**Exercise requirements**: Reproduce nothing but the lines from the start of the material through the line that includes "p2 = place(p1, origin())", both ends included, and omit every picture.

**Recorded data**:
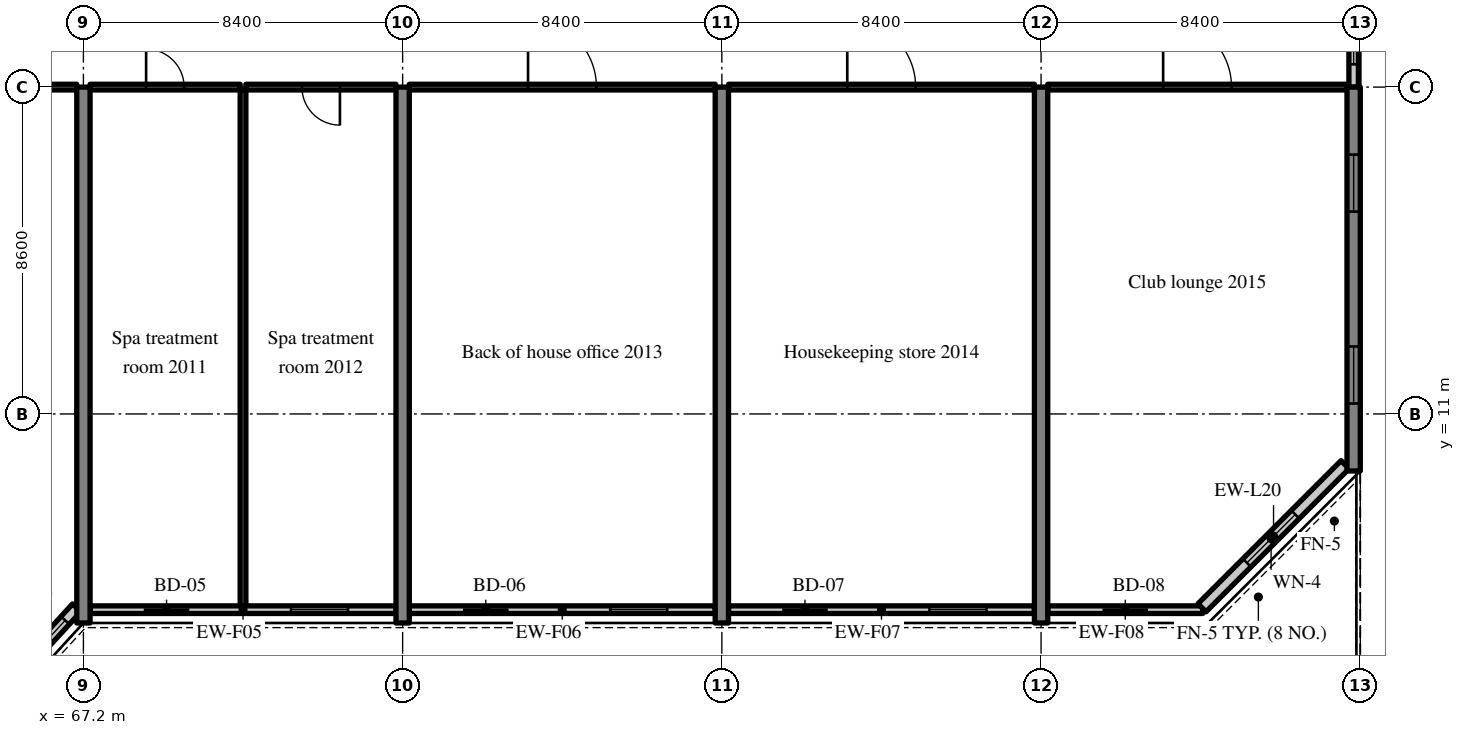
"""IFC4 building model, lengths in metres.
Left out: names, types, materials, properties, quantities, classifications, styles, units other than length and angle.
Written with IfcOpenShell. Run it as: python <this file> out.ifc"""

import sys

from ifc_helpers import new_model, si_unit, direction, frame, frame_2d, origin, place, context, subcontext, project, spatial, rectangle, extrude, source, transform, mapped, element, fill, save


model = new_model("IFC4")
c1 = context("Model", 3, precision=1e-05, world=origin(), true_north=direction((0.0, 1.0)))
c2 = subcontext(c1, "Body", "Model", "MODEL_VIEW")
j1 = project(units=[si_unit("LENGTHUNIT", "METRE"), si_unit("PLANEANGLEUNIT", "RADIAN")], contexts=[c1])
p1 = place(None, origin())
s1 = spatial("IfcSite", under=j1, at=p1, CompositionType="ELEMENT")
p2 = place(p1, origin())
s2 = spatial("IfcBuilding", under=s1, at=p2, CompositionType="ELEMENT")
p3 = place(p2, frame((0.0, 0.0, 86.4)))
s3 = spatial("IfcBuildingStorey", under=s2, at=p3, CompositionType="ELEMENT", Elevation=86.4)
m1 = source(origin(), c2, "Body", "SweptSolid", [
    extrude(rectangle(XDim=14.1, YDim=0.35, at=frame_2d((7.05, 0.0))), origin(), (0.0, 0.0, 1.0), 4.72),
])
for number, where, z_axis, x_axis in (
    (1, (67.2, 5.5, 0.0), (0.0, 0.0, 1.0), (0.0, 1.0, 0.0)),
    (2, (75.6, 5.5, 0.0), (0.0, 0.0, 1.0), (0.0, 1.0, 0.0)),
    (3, (84.0, 5.5, 0.0), (0.0, 0.0, 1.0), (0.0, 1.0, 0.0)),
    (4, (92.4, 5.5, 0.0), (0.0, 0.0, 1.0), (0.0, 1.0, 0.0)),
):
    element("IfcWall", number, at=place(p3, frame(where, z_axis=z_axis, x_axis=x_axis)), inside=s3, PredefinedType="SHEAR", context=c2, shape_type="MappedRepresentation", body=[
        mapped(m1, transform((0.0, 0.0, 0.0), scale=1.0)),
    ])
m2 = source(origin(), c2, "Body", "SweptSolid", [
    extrude(rectangle(XDim=10.1, YDim=0.35, at=frame_2d((5.05, 0.0))), origin(), (0.0, 0.0, 1.0), 4.72),
])
p4 = place(p3, frame((100.625, 9.5, 0.0), z_axis=(0.0, 0.0, 1.0), x_axis=(0.0, 1.0, 0.0)))
e5 = element("IfcWall", 5, at=p4, inside=s3, PredefinedType="SHEAR", context=c2, shape_type="MappedRepresentation", body=[
    mapped(m2, transform((0.0, 0.0, 0.0), scale=1.0)),
])
m3 = source(origin(), c2, "Body", "SweptSolid", [
    extrude(rectangle(XDim=1.5, YDim=1.5, at=frame_2d((0.75, 0.75))), frame((0.0, 0.185, 0.0), z_axis=(0.0, -1.0, 0.0), x_axis=(1.0, 0.0, 0.0)), (0.0, 0.0, 1.0), 0.37),
])
p5 = place(p4, frame((1.775, 0.0, 0.9)))
e6 = element("IfcOpeningElement", 6, at=p5, cuts=e5, PredefinedType="OPENING", context=c2, shape_type="MappedRepresentation", body=[
    mapped(m3, transform((0.0, 0.0, 0.0), scale=1.0)),
])
p6 = place(p4, frame((6.825, 0.0, 0.9)))
e7 = element("IfcOpeningElement", 7, at=p6, cuts=e5, PredefinedType="OPENING", context=c2, shape_type="MappedRepresentation", body=[
    mapped(m3, transform((0.0, 0.0, 0.0), scale=1.0)),
])
m4 = source(origin(), c2, "Body", "SweptSolid", [
    extrude(rectangle(XDim=2.398, YDim=0.3, at=frame_2d((1.199, 0.0))), origin(), (0.0, 0.0, 1.0), 4.72),
])
p7 = place(p3, frame((65.404, 4.131, 0.0), z_axis=(0.0, 0.0, 1.0), x_axis=(0.675374189419, 0.737475222815, 0.0)))
e8 = element("IfcWall", 8, at=p7, inside=s3, PredefinedType="SOLIDWALL", context=c2, shape_type="MappedRepresentation", body=[
    mapped(m4, transform((0.0, 0.0, 0.0), scale=1.0)),
])
m5 = source(origin(), c2, "Body", "SweptSolid", [
    extrude(rectangle(XDim=1.5, YDim=2.0, at=frame_2d((0.75, 1.0))), frame((0.0, 0.16, 0.0), z_axis=(0.0, -1.0, 0.0), x_axis=(1.0, 0.0, 0.0)), (0.0, 0.0, 1.0), 0.32),
])
p8 = place(p7, frame((0.449, 0.0, 0.9)))
e9 = element("IfcOpeningElement", 9, at=p8, cuts=e8, PredefinedType="OPENING", context=c2, shape_type="MappedRepresentation", body=[
    mapped(m5, transform((0.0, 0.0, 0.0), scale=1.0)),
])
m6 = source(origin(), c2, "Body", "SweptSolid", [
    extrude(rectangle(XDim=8.05, YDim=0.2, at=frame_2d((4.025, 0.0))), origin(), (0.0, 0.0, 1.0), 4.02),
])
p9 = place(p3, frame((67.375, 5.85, 0.0), z_axis=(0.0, 0.0, 1.0), x_axis=(1.0, 0.0, 0.0)))
e10 = element("IfcWall", 10, at=p9, inside=s3, PredefinedType="SOLIDWALL", context=c2, shape_type="MappedRepresentation", body=[
    mapped(m6, transform((0.0, 0.0, 0.0), scale=1.0)),
])
m7 = source(origin(), c2, "Body", "SweptSolid", [
    extrude(rectangle(XDim=1.5, YDim=1.5, at=frame_2d((0.75, 0.75))), frame((0.0, 0.11, 0.0), z_axis=(0.0, -1.0, 0.0), x_axis=(1.0, 0.0, 0.0)), (0.0, 0.0, 1.0), 0.22),
])
p10 = place(p9, frame((5.288, 0.0, 0.9)))
e11 = element("IfcOpeningElement", 11, at=p10, cuts=e10, PredefinedType="OPENING", context=c2, shape_type="MappedRepresentation", body=[
    mapped(m7, transform((0.0, 0.0, 0.0), scale=1.0)),
])
m8 = source(origin(), c2, "Body", "SweptSolid", [
    extrude(rectangle(XDim=1.2, YDim=2.4, at=frame_2d((0.6, 1.2))), frame((0.0, 0.11, 0.0), z_axis=(0.0, -1.0, 0.0), x_axis=(1.0, 0.0, 0.0)), (0.0, 0.0, 1.0), 0.22),
])
p11 = place(p9, frame((1.413, 0.0, 0.0)))
e12 = element("IfcOpeningElement", 12, at=p11, cuts=e10, PredefinedType="OPENING", context=c2, shape_type="MappedRepresentation", body=[
    mapped(m8, transform((0.0, 0.0, 0.0), scale=1.0)),
])
p12 = place(p3, frame((75.775, 5.85, 0.0), z_axis=(0.0, 0.0, 1.0), x_axis=(1.0, 0.0, 0.0)))
e13 = element("IfcWall", 13, at=p12, inside=s3, PredefinedType="SOLIDWALL", context=c2, shape_type="MappedRepresentation", body=[
    mapped(m6, transform((0.0, 0.0, 0.0), scale=1.0)),
])
p13 = place(p12, frame((5.288, 0.0, 0.9)))
e14 = element("IfcOpeningElement", 14, at=p13, cuts=e13, PredefinedType="OPENING", context=c2, shape_type="MappedRepresentation", body=[
    mapped(m7, transform((0.0, 0.0, 0.0), scale=1.0)),
])
p14 = place(p12, frame((1.413, 0.0, 0.0)))
e15 = element("IfcOpeningElement", 15, at=p14, cuts=e13, PredefinedType="OPENING", context=c2, shape_type="MappedRepresentation", body=[
    mapped(m8, transform((0.0, 0.0, 0.0), scale=1.0)),
])
p15 = place(p3, frame((84.175, 5.85, 0.0), z_axis=(0.0, 0.0, 1.0), x_axis=(1.0, 0.0, 0.0)))
e16 = element("IfcWall", 16, at=p15, inside=s3, PredefinedType="SOLIDWALL", context=c2, shape_type="MappedRepresentation", body=[
    mapped(m6, transform((0.0, 0.0, 0.0), scale=1.0)),
])
p16 = place(p15, frame((5.288, 0.0, 0.9)))
e17 = element("IfcOpeningElement", 17, at=p16, cuts=e16, PredefinedType="OPENING", context=c2, shape_type="MappedRepresentation", body=[
    mapped(m7, transform((0.0, 0.0, 0.0), scale=1.0)),
])
p17 = place(p15, frame((1.413, 0.0, 0.0)))
e18 = element("IfcOpeningElement", 18, at=p17, cuts=e16, PredefinedType="OPENING", context=c2, shape_type="MappedRepresentation", body=[
    mapped(m8, transform((0.0, 0.0, 0.0), scale=1.0)),
])
m9 = source(origin(), c2, "Body", "SweptSolid", [
    extrude(rectangle(XDim=4.08, YDim=0.2, at=frame_2d((2.04, 0.0))), origin(), (0.0, 0.0, 1.0), 4.02),
])
p18 = place(p3, frame((92.575, 5.85, 0.0), z_axis=(0.0, 0.0, 1.0), x_axis=(1.0, 0.0, 0.0)))
e19 = element("IfcWall", 19, at=p18, inside=s3, PredefinedType="SOLIDWALL", context=c2, shape_type="MappedRepresentation", body=[
    mapped(m9, transform((0.0, 0.0, 0.0), scale=1.0)),
])
p19 = place(p18, frame((1.44, 0.0, 0.0)))
e20 = element("IfcOpeningElement", 20, at=p19, cuts=e19, PredefinedType="OPENING", context=c2, shape_type="MappedRepresentation", body=[
    mapped(m8, transform((0.0, 0.0, 0.0), scale=1.0)),
])
m10 = source(origin(), c2, "Body", "SweptSolid", [
    extrude(rectangle(XDim=5.326, YDim=0.3, at=frame_2d((2.663, 0.0))), origin(), (0.0, 0.0, 1.0), 4.72),
])
p20 = place(p3, frame((96.634, 5.9, 0.0), z_axis=(0.0, 0.0, 1.0), x_axis=(0.707083859269, 0.707129702361, 0.0)))
e21 = element("IfcWall", 21, at=p20, inside=s3, PredefinedType="SOLIDWALL", context=c2, shape_type="MappedRepresentation", body=[
    mapped(m10, transform((0.0, 0.0, 0.0), scale=1.0)),
])
m11 = source(origin(), c2, "Body", "SweptSolid", [
    extrude(rectangle(XDim=1.8, YDim=1.5, at=frame_2d((0.9, 0.75))), frame((0.0, 0.16, 0.0), z_axis=(0.0, -1.0, 0.0), x_axis=(1.0, 0.0, 0.0)), (0.0, 0.0, 1.0), 0.32),
])
p21 = place(p20, frame((1.672, 0.0, 0.9)))
e22 = element("IfcOpeningElement", 22, at=p21, cuts=e21, PredefinedType="OPENING", context=c2, shape_type="MappedRepresentation", body=[
    mapped(m11, transform((0.0, 0.0, 0.0), scale=1.0)),
])
m12 = source(origin(), c2, "Body", "SweptSolid", [
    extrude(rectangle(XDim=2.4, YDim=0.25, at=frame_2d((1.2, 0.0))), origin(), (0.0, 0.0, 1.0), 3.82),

**Task output**:
"""IFC4 building model, lengths in metres.
Left out: names, types, materials, properties, quantities, classifications, styles, units other than length and angle.
Written with IfcOpenShell. Run it as: python <this file> out.ifc"""

import sys

from ifc_helpers import new_model, si_unit, direction, frame, frame_2d, origin, place, context, subcontext, project, spatial, rectangle, extrude, source, transform, mapped, element, fill, save


model = new_model("IFC4")
c1 = context("Model", 3, precision=1e-05, world=origin(), true_north=direction((0.0, 1.0)))
c2 = subcontext(c1, "Body", "Model", "MODEL_VIEW")
j1 = project(units=[si_unit("LENGTHUNIT", "METRE"), si_unit("PLANEANGLEUNIT", "RADIAN")], contexts=[c1])
p1 = place(None, origin())
s1 = spatial("IfcSite", under=j1, at=p1, CompositionType="ELEMENT")
p2 = place(p1, origin())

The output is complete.